(Collection entries)
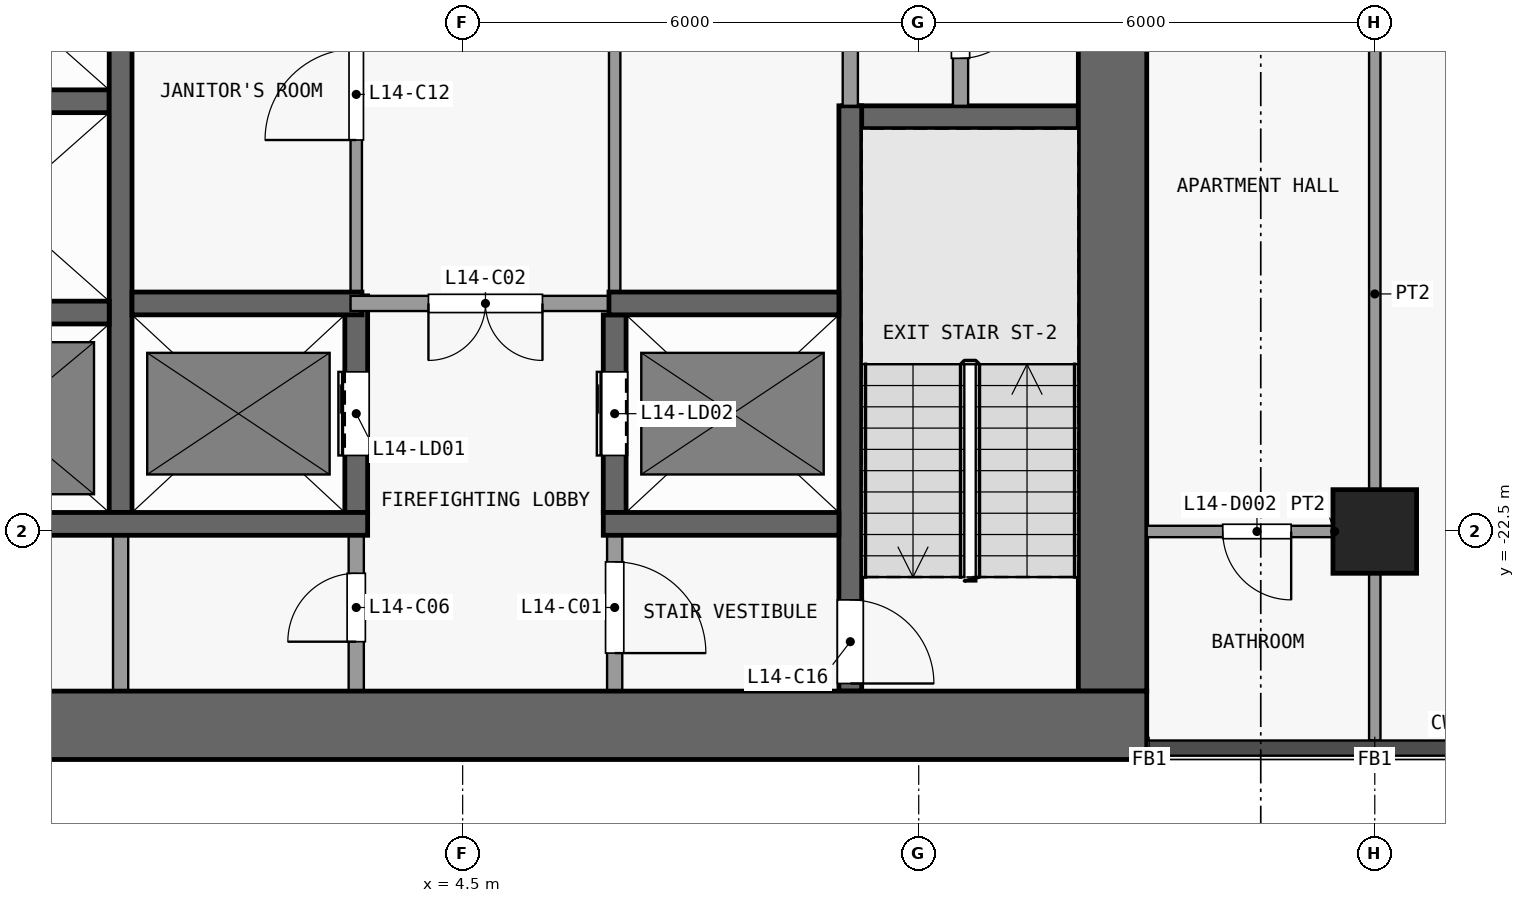
"""IFC4 building model, lengths in metres.
Left out: names, types, materials, properties, quantities, classifications, styles, units other than length and angle.
Written with IfcOpenShell. Run it as: python <this file> out.ifc"""

import sys

from ifc_helpers import new_model, si_unit, direction, frame, frame_2d, origin, origin_2d, place, context, subcontext, project, spatial, rectangle, extrude, element, fill, save


model = new_model("IFC4")
c1 = context("Model", 3, precision=1e-05, world=origin(), true_north=direction((0.0, 1.0)))
c2 = subcontext(c1, "Body", "Model", "MODEL_VIEW")
j1 = project(units=[si_unit("LENGTHUNIT", "METRE"), si_unit("PLANEANGLEUNIT", "RADIAN")], contexts=[c1])
p1 = place(None, origin())
s1 = spatial("IfcSite", under=j1, at=p1, CompositionType="ELEMENT")
p2 = place(p1, origin())
s2 = spatial("IfcBuilding", under=s1, at=p2, CompositionType="ELEMENT")
p3 = place(p2, frame((0.0, 0.0, 61.3)))
s3 = spatial("IfcBuildingStorey", under=s2, at=p3, CompositionType="ELEMENT", Elevation=61.3)
p4 = place(p3, frame((16.5, -22.5, 0.0), z_axis=(0.0, 0.0, 1.0), x_axis=(1.0, 0.0, 0.0)))
e1 = element("IfcColumn", 1, at=p4, inside=s3, PredefinedType="COLUMN", context=c2, shape_type="SweptSolid", body=[
    extrude(rectangle(XDim=1.1, YDim=1.1, at=origin_2d()), origin(), (0.0, 0.0, 1.0), 3.6),
])
p5 = place(p3, frame((-13.5, -25.05, 0.0), z_axis=(0.0, 0.0, 1.0), x_axis=(1.0, 0.0, 0.0)))
e2 = element("IfcWall", 2, at=p5, inside=s3, PredefinedType="SHEAR", context=c2, shape_type="SweptSolid", body=[
    extrude(rectangle(XDim=27.0, YDim=0.9, at=frame_2d((13.5, 0.0))), origin(), (0.0, 0.0, 1.0), 3.3),
])
p6 = place(p3, frame((13.05, -24.6, 0.0), z_axis=(0.0, 0.0, 1.0), x_axis=(0.0, 1.0, 0.0)))
e3 = element("IfcWall", 3, at=p6, inside=s3, PredefinedType="SHEAR", context=c2, shape_type="SweptSolid", body=[
    extrude(rectangle(XDim=16.1, YDim=0.9, at=frame_2d((8.05, 0.0))), origin(), (0.0, 0.0, 1.0), 3.3),
])
p7 = place(p3, frame((-2.95, -22.4, 0.0), z_axis=(0.0, 0.0, 1.0), x_axis=(1.0, 0.0, 0.0)))
e4 = element("IfcWall", 4, at=p7, inside=s3, PredefinedType="SHEAR", context=c2, shape_type="SweptSolid", body=[
    extrude(rectangle(XDim=6.2, YDim=0.3, at=frame_2d((3.1, 0.0))), origin(), (0.0, 0.0, 1.0), 3.3),
])
p8 = place(p3, frame((6.35, -22.4, 0.0), z_axis=(0.0, 0.0, 1.0), x_axis=(1.0, 0.0, 0.0)))
e5 = element("IfcWall", 5, at=p8, inside=s3, PredefinedType="SHEAR", context=c2, shape_type="SweptSolid", body=[
    extrude(rectangle(XDim=3.1, YDim=0.3, at=frame_2d((1.55, 0.0))), origin(), (0.0, 0.0, 1.0), 3.3),
])
p9 = place(p3, frame((-2.95, -19.62, 0.0), z_axis=(0.0, 0.0, 1.0), x_axis=(1.0, 0.0, 0.0)))
e6 = element("IfcWall", 6, at=p9, inside=s3, PredefinedType="SHEAR", context=c2, shape_type="SweptSolid", body=[
    extrude(rectangle(XDim=2.8, YDim=0.3, at=frame_2d((1.4, 0.0))), origin(), (0.0, 0.0, 1.0), 3.3),
])
p10 = place(p3, frame((0.15, -19.5, 0.0), z_axis=(0.0, 0.0, 1.0), x_axis=(1.0, 0.0, 0.0)))
e7 = element("IfcWall", 7, at=p10, inside=s3, PredefinedType="SHEAR", context=c2, shape_type="SweptSolid", body=[
    extrude(rectangle(XDim=3.025, YDim=0.3, at=frame_2d((1.513, 0.0))), origin(), (0.0, 0.0, 1.0), 3.3),
])
p11 = place(p3, frame((6.575, -19.5, 0.0), z_axis=(0.0, 0.0, 1.0), x_axis=(-1.0, 0.0, 0.0)))
e8 = element("IfcWall", 8, at=p11, inside=s3, PredefinedType="PARTITIONING", context=c2, shape_type="SweptSolid", body=[
    extrude(rectangle(XDim=3.55, YDim=0.2, at=frame_2d((1.775, 0.0))), origin(), (0.0, 0.0, 1.0), 3.3),
])
p12 = place(p11, frame((1.025, 0.0, 0.0)))
e9 = element("IfcOpeningElement", 9, at=p12, cuts=e8, PredefinedType="OPENING", context=c2, shape_type="SweptSolid", body=[
    extrude(rectangle(XDim=1.5, YDim=2.1, at=frame_2d((0.75, 1.05))), frame((0.0, 0.11, 0.0), z_axis=(0.0, -1.0, 0.0), x_axis=(1.0, 0.0, 0.0)), (0.0, 0.0, 1.0), 0.22),
])
p13 = place(p3, frame((6.425, -19.5, 0.0), z_axis=(0.0, 0.0, 1.0), x_axis=(1.0, 0.0, 0.0)))
e10 = element("IfcWall", 10, at=p13, inside=s3, PredefinedType="SHEAR", context=c2, shape_type="SweptSolid", body=[
    extrude(rectangle(XDim=3.025, YDim=0.3, at=frame_2d((1.512, 0.0))), origin(), (0.0, 0.0, 1.0), 3.3),
])
p14 = place(p3, frame((9.5, -17.05, 0.0), z_axis=(0.0, 0.0, 1.0), x_axis=(1.0, 0.0, 0.0)))
e11 = element("IfcWall", 11, at=p14, inside=s3, PredefinedType="SHEAR", context=c2, shape_type="SweptSolid", body=[
    extrude(rectangle(XDim=3.1, YDim=0.3, at=frame_2d((1.55, 0.0))), origin(), (0.0, 0.0, 1.0), 3.3),
])
p15 = place(p3, frame((-2.95, -16.84, 0.0), z_axis=(0.0, 0.0, 1.0), x_axis=(1.0, 0.0, 0.0)))
e12 = element("IfcWall", 12, at=p15, inside=s3, PredefinedType="SHEAR", context=c2, shape_type="SweptSolid", body=[
    extrude(rectangle(XDim=2.8, YDim=0.3, at=frame_2d((1.4, 0.0))), origin(), (0.0, 0.0, 1.0), 3.3),
])
p16 = place(p3, frame((0.0, -24.6, 0.0), z_axis=(0.0, 0.0, 1.0), x_axis=(0.0, 1.0, 0.0)))
e13 = element("IfcWall", 13, at=p16, inside=s3, PredefinedType="PARTITIONING", context=c2, shape_type="SweptSolid", body=[
    extrude(rectangle(XDim=2.05, YDim=0.2, at=frame_2d((1.025, 0.0))), origin(), (0.0, 0.0, 1.0), 3.3),
])
p17 = place(p3, frame((0.0, -22.25, 0.0), z_axis=(0.0, 0.0, 1.0), x_axis=(0.0, 1.0, 0.0)))
e14 = element("IfcWall", 14, at=p17, inside=s3, PredefinedType="SHEAR", context=c2, shape_type="SweptSolid", body=[
    extrude(rectangle(XDim=13.75, YDim=0.3, at=frame_2d((6.875, 0.0))), origin(), (0.0, 0.0, 1.0), 3.3),
])
p18 = place(p3, frame((3.1, -24.6, 0.0), z_axis=(0.0, 0.0, 1.0), x_axis=(0.0, 1.0, 0.0)))
e15 = element("IfcWall", 15, at=p18, inside=s3, PredefinedType="PARTITIONING", context=c2, shape_type="SweptSolid", body=[
    extrude(rectangle(XDim=2.05, YDim=0.2, at=frame_2d((1.025, 0.0))), origin(), (0.0, 0.0, 1.0), 3.3),
])
p19 = place(p18, frame((0.65, 0.0, 0.0)))
e16 = element("IfcOpeningElement", 16, at=p19, cuts=e15, PredefinedType="OPENING", context=c2, shape_type="SweptSolid", body=[
    extrude(rectangle(XDim=0.9, YDim=2.1, at=frame_2d((0.45, 1.05))), frame((0.0, 0.11, 0.0), z_axis=(0.0, -1.0, 0.0), x_axis=(1.0, 0.0, 0.0)), (0.0, 0.0, 1.0), 0.22),
])
p20 = place(p3, frame((3.1, -22.25, 0.0), z_axis=(0.0, 0.0, 1.0), x_axis=(0.0, 1.0, 0.0)))
e17 = element("IfcWall", 17, at=p20, inside=s3, PredefinedType="SHEAR", context=c2, shape_type="SweptSolid", body=[
    extrude(rectangle(XDim=2.85, YDim=0.3, at=frame_2d((1.425, 0.0))), origin(), (0.0, 0.0, 1.0), 3.3),
])
p21 = place(p20, frame((0.75, 0.0, 0.0)))
e18 = element("IfcOpeningElement", 18, at=p21, cuts=e17, PredefinedType="OPENING", context=c2, shape_type="SweptSolid", body=[
    extrude(rectangle(XDim=1.1, YDim=2.1, at=frame_2d((0.55, 1.05))), frame((0.0, 0.16, 0.0), z_axis=(0.0, -1.0, 0.0), x_axis=(1.0, 0.0, 0.0)), (0.0, 0.0, 1.0), 0.32),
])
p22 = place(p3, frame((3.1, -19.4, 0.0), z_axis=(0.0, 0.0, 1.0), x_axis=(0.0, 1.0, 0.0)))
e19 = element("IfcWall", 19, at=p22, inside=s3, PredefinedType="PARTITIONING", context=c2, shape_type="SweptSolid", body=[
    extrude(rectangle(XDim=10.9, YDim=0.15, at=frame_2d((5.45, 0.0))), origin(), (0.0, 0.0, 1.0), 3.3),
])
p23 = place(p22, frame((2.05, 0.0, 0.0)))
e20 = element("IfcOpeningElement", 20, at=p23, cuts=e19, PredefinedType="OPENING", context=c2, shape_type="SweptSolid", body=[
    extrude(rectangle(XDim=1.2, YDim=2.1, at=frame_2d((0.6, 1.05))), frame((0.0, 0.085, 0.0), z_axis=(0.0, -1.0, 0.0), x_axis=(1.0, 0.0, 0.0)), (0.0, 0.0, 1.0), 0.17),
])
p24 = place(p22, frame((7.55, 0.0, 0.0)))
e21 = element("IfcOpeningElement", 21, at=p24, cuts=e19, PredefinedType="OPENING", context=c2, shape_type="SweptSolid", body=[
    extrude(rectangle(XDim=1.2, YDim=2.1, at=frame_2d((0.6, 1.05))), frame((0.0, 0.085, 0.0), z_axis=(0.0, -1.0, 0.0), x_axis=(1.0, 0.0, 0.0)), (0.0, 0.0, 1.0), 0.17),
])
p25 = place(p3, frame((6.5, -22.55, 0.0), z_axis=(0.0, 0.0, 1.0), x_axis=(0.0, -1.0, 0.0)))
e22 = element("IfcWall", 22, at=p25, inside=s3, PredefinedType="PARTITIONING", context=c2, shape_type="SweptSolid", body=[
    extrude(rectangle(XDim=2.05, YDim=0.2, at=frame_2d((1.025, 0.0))), origin(), (0.0, 0.0, 1.0), 3.3),
])
p26 = place(p25, frame((0.35, 0.0, 0.0)))
e23 = element("IfcOpeningElement", 23, at=p26, cuts=e22, PredefinedType="OPENING", context=c2, shape_type="SweptSolid", body=[
    extrude(rectangle(XDim=1.2, YDim=2.1, at=frame_2d((0.6, 1.05))), frame((0.0, 0.11, 0.0), z_axis=(0.0, -1.0, 0.0), x_axis=(1.0, 0.0, 0.0)), (0.0, 0.0, 1.0), 0.22),
])
p27 = place(p3, frame((6.5, -22.25, 0.0), z_axis=(0.0, 0.0, 1.0), x_axis=(0.0, 1.0, 0.0)))
e24 = element("IfcWall", 24, at=p27, inside=s3, PredefinedType="SHEAR", context=c2, shape_type="SweptSolid", body=[
    extrude(rectangle(XDim=2.6, YDim=0.3, at=frame_2d((1.3, 0.0))), origin(), (0.0, 0.0, 1.0), 3.3),
])
p28 = place(p27, frame((0.75, 0.0, 0.0)))
e25 = element("IfcOpeningElement", 25, at=p28, cuts=e24, PredefinedType="OPENING", context=c2, shape_type="SweptSolid", body=[
    extrude(rectangle(XDim=1.1, YDim=2.1, at=frame_2d((0.55, 1.05))), frame((0.0, 0.16, 0.0), z_axis=(0.0, -1.0, 0.0), x_axis=(1.0, 0.0, 0.0)), (0.0, 0.0, 1.0), 0.32),
])
p29 = place(p3, frame((6.5, -11.35, 0.0), z_axis=(0.0, 0.0, 1.0), x_axis=(0.0, -1.0, 0.0)))
e26 = element("IfcWall", 26, at=p29, inside=s3, PredefinedType="PARTITIONING", context=c2, shape_type="SweptSolid", body=[
    extrude(rectangle(XDim=8.0, YDim=0.15, at=frame_2d((4.0, 0.0))), origin(), (0.0, 0.0, 1.0), 3.3),
])
p30 = place(p29, frame((3.425, 0.0, 0.0)))
e27 = element("IfcOpeningElement", 27, at=p30, cuts=e26, PredefinedType="OPENING", context=c2, shape_type="SweptSolid", body=[
    extrude(rectangle(XDim=1.2, YDim=2.1, at=frame_2d((0.6, 1.05))), frame((0.0, 0.085, 0.0), z_axis=(0.0, -1.0, 0.0), x_axis=(1.0, 0.0, 0.0)), (0.0, 0.0, 1.0), 0.17),
])
p31 = place(p3, frame((9.6, -16.9, 0.0), z_axis=(0.0, 0.0, 1.0), x_axis=(0.0, -1.0, 0.0)))
e28 = element("IfcWall", 28, at=p31, inside=s3, PredefinedType="SHEAR", context=c2, shape_type="SweptSolid", body=[
    extrude(rectangle(XDim=7.7, YDim=0.3, at=frame_2d((3.85, 0.0))), origin(), (0.0, 0.0, 1.0), 3.3),
])
p32 = place(p31, frame((6.5, 0.0, 0.0)))
e29 = element("IfcOpeningElement", 29, at=p32, cuts=e28, PredefinedType="OPENING", context=c2, shape_type="SweptSolid", body=[
    extrude(rectangle(XDim=1.1, YDim=2.1, at=frame_2d((0.55, 1.05))), frame((0.0, 0.16, 0.0), z_axis=(0.0, -1.0, 0.0), x_axis=(1.0, 0.0, 0.0)), (0.0, 0.0, 1.0), 0.32),
])
p33 = place(p3, frame((9.6, -16.9, 0.0), z_axis=(0.0, 0.0, 1.0), x_axis=(0.0, 1.0, 0.0)))
e30 = element("IfcWall", 30, at=p33, inside=s3, PredefinedType="PARTITIONING", context=c2, shape_type="SweptSolid", body=[
    extrude(rectangle(XDim=5.75, YDim=0.2, at=frame_2d((2.875, 0.0))), origin(), (0.0, 0.0, 1.0), 3.3),
])
p34 = place(p3, frame((11.05, -14.5, 0.0), z_axis=(0.0, 0.0, 1.0), x_axis=(0.0, -1.0, 0.0)))
e31 = element("IfcWall", 31, at=p34, inside=s3, PredefinedType="PARTITIONING", context=c2, shape_type="SweptSolid", body=[
    extrude(rectangle(XDim=2.4, YDim=0.2, at=frame_2d((1.2, 0.0))), origin(), (0.0, 0.0, 1.0), 3.3),
])
p35 = place(p34, frame((0.875, 0.0, 0.0)))
e32 = element("IfcOpeningElement", 32, at=p35, cuts=e31, PredefinedType="OPENING", context=c2, shape_type="SweptSolid", body=[
    extrude(rectangle(XDim=0.9, YDim=2.1, at=frame_2d((0.45, 1.05))), frame((0.0, 0.11, 0.0), z_axis=(0.0, -1.0, 0.0), x_axis=(1.0, 0.0, 0.0)), (0.0, 0.0, 1.0), 0.22),
])
p36 = place(p3, frame((13.5, -22.5, 0.0), z_axis=(0.0, 0.0, 1.0), x_axis=(1.0, 0.0, 0.0)))
e33 = element("IfcWall", 33, at=p36, inside=s3, PredefinedType="PARTITIONING", context=c2, shape_type="SweptSolid", body=[
    extrude(rectangle(XDim=2.925, YDim=0.15, at=frame_2d((1.462, 0.0))), origin(), (0.0, 0.0, 1.0), 3.3),
])
p37 = place(p36, frame((1.0, 0.0, 0.0)))
e34 = element("IfcOpeningElement", 34, at=p37, cuts=e33, PredefinedType="OPENING", context=c2, shape_type="SweptSolid", body=[
    extrude(rectangle(XDim=0.9, YDim=2.1, at=frame_2d((0.45, 1.05))), frame((0.0, 0.085, 0.0), z_axis=(0.0, -1.0, 0.0), x_axis=(1.0, 0.0, 0.0)), (0.0, 0.0, 1.0), 0.17),
])
p38 = place(p3, frame((16.5, -25.25, 0.0), z_axis=(0.0, 0.0, 1.0), x_axis=(0.0, 1.0, 0.0)))
e35 = element("IfcWall", 35, at=p38, inside=s3, PredefinedType="PARTITIONING", context=c2, shape_type="SweptSolid", body=[
    extrude(rectangle(XDim=11.75, YDim=0.15, at=frame_2d((5.875, 0.0))), origin(), (0.0, 0.0, 1.0), 3.3),
])
p39 = place(p21, origin())
e36 = element("IfcDoor", 36, at=p39, inside=s3, OperationType="DOUBLE_DOOR_SLIDING", PredefinedType="DOOR", context=c2, shape_type="SweptSolid", body=[
    extrude(rectangle(XDim=1.1, YDim=2.1, at=frame_2d((0.55, 1.05))), frame((0.0, 0.025, 0.0), z_axis=(0.0, -1.0, 0.0), x_axis=(1.0, 0.0, 0.0)), (0.0, 0.0, 1.0), 0.05),
])
fill(e18, e36)
p40 = place(p28, origin())
e37 = element("IfcDoor", 37, at=p40, inside=s3, OperationType="DOUBLE_DOOR_SLIDING", PredefinedType="DOOR", context=c2, shape_type="SweptSolid", body=[
    extrude(rectangle(XDim=1.1, YDim=2.1, at=frame_2d((0.55, 1.05))), frame((0.0, 0.025, 0.0), z_axis=(0.0, -1.0, 0.0), x_axis=(1.0, 0.0, 0.0)), (0.0, 0.0, 1.0), 0.05),
])
fill(e25, e37)
p41 = place(p26, origin())
e38 = element("IfcDoor", 38, at=p41, inside=s3, OperationType="SINGLE_SWING_RIGHT", PredefinedType="DOOR", context=c2, shape_type="SweptSolid", body=[
    extrude(rectangle(XDim=1.2, YDim=2.1, at=frame_2d((0.6, 1.05))), frame((0.0, 0.025, 0.0), z_axis=(0.0, -1.0, 0.0), x_axis=(1.0, 0.0, 0.0)), (0.0, 0.0, 1.0), 0.05),
])
fill(e23, e38)
p42 = place(p12, origin())
e39 = element("IfcDoor", 39, at=p42, inside=s3, OperationType="DOUBLE_DOOR_SINGLE_SWING", PredefinedType="DOOR", context=c2, shape_type="SweptSolid", body=[
    extrude(rectangle(XDim=1.5, YDim=2.1, at=frame_2d((0.75, 1.05))), frame((0.0, 0.025, 0.0), z_axis=(0.0, -1.0, 0.0), x_axis=(1.0, 0.0, 0.0)), (0.0, 0.0, 1.0), 0.05),
])
fill(e9, e39)
p43 = place(p19, origin())
e40 = element("IfcDoor", 40, at=p43, inside=s3, OperationType="SINGLE_SWING_LEFT", PredefinedType="DOOR", context=c2, shape_type="SweptSolid", body=[
    extrude(rectangle(XDim=0.9, YDim=2.1, at=frame_2d((0.45, 1.05))), frame((0.0, 0.025, 0.0), z_axis=(0.0, -1.0, 0.0), x_axis=(1.0, 0.0, 0.0)), (0.0, 0.0, 1.0), 0.05),
])
fill(e16, e40)
p44 = place(p35, origin())
e41 = element("IfcDoor", 41, at=p44, inside=s3, OperationType="SINGLE_SWING_LEFT", PredefinedType="DOOR", context=c2, shape_type="SweptSolid", body=[
    extrude(rectangle(XDim=0.9, YDim=2.1, at=frame_2d((0.45, 1.05))), frame((0.0, 0.025, 0.0), z_axis=(0.0, -1.0, 0.0), x_axis=(1.0, 0.0, 0.0)), (0.0, 0.0, 1.0), 0.05),
])
fill(e32, e41)
p45 = place(p23, origin())
e42 = element("IfcDoor", 42, at=p45, inside=s3, OperationType="SINGLE_SWING_LEFT", PredefinedType="DOOR", context=c2, shape_type="SweptSolid", body=[
    extrude(rectangle(XDim=1.2, YDim=2.1, at=frame_2d((0.6, 1.05))), frame((0.0, 0.025, 0.0), z_axis=(0.0, -1.0, 0.0), x_axis=(1.0, 0.0, 0.0)), (0.0, 0.0, 1.0), 0.05),
])
fill(e20, e42)
p46 = place(p32, origin())
e43 = element("IfcDoor", 43, at=p46, inside=s3, OperationType="SINGLE_SWING_RIGHT", PredefinedType="DOOR", context=c2, shape_type="SweptSolid", body=[
    extrude(rectangle(XDim=1.1, YDim=2.1, at=frame_2d((0.55, 1.05))), frame((0.0, 0.025, 0.0), z_axis=(0.0, -1.0, 0.0), x_axis=(1.0, 0.0, 0.0)), (0.0, 0.0, 1.0), 0.05),
])
fill(e29, e43)
p47 = place(p37, origin())
e44 = element("IfcDoor", 44, at=p47, inside=s3, OperationType="SINGLE_SWING_RIGHT", PredefinedType="DOOR", context=c2, shape_type="SweptSolid", body=[
    extrude(rectangle(XDim=0.9, YDim=2.1, at=frame_2d((0.45, 1.05))), frame((0.0, 0.025, 0.0), z_axis=(0.0, -1.0, 0.0), x_axis=(1.0, 0.0, 0.0)), (0.0, 0.0, 1.0), 0.05),
])
fill(e34, e44)
save(model, sys.argv[1])

> [Work required] Your answer should consist of every line from the entries that holds "under".

> [Problem solution]
s1 = spatial("IfcSite", under=j1, at=p1, CompositionType="ELEMENT")
s2 = spatial("IfcBuilding", under=s1, at=p2, CompositionType="ELEMENT")
s3 = spatial("IfcBuildingStorey", under=s2, at=p3, CompositionType="ELEMENT", Elevation=61.3)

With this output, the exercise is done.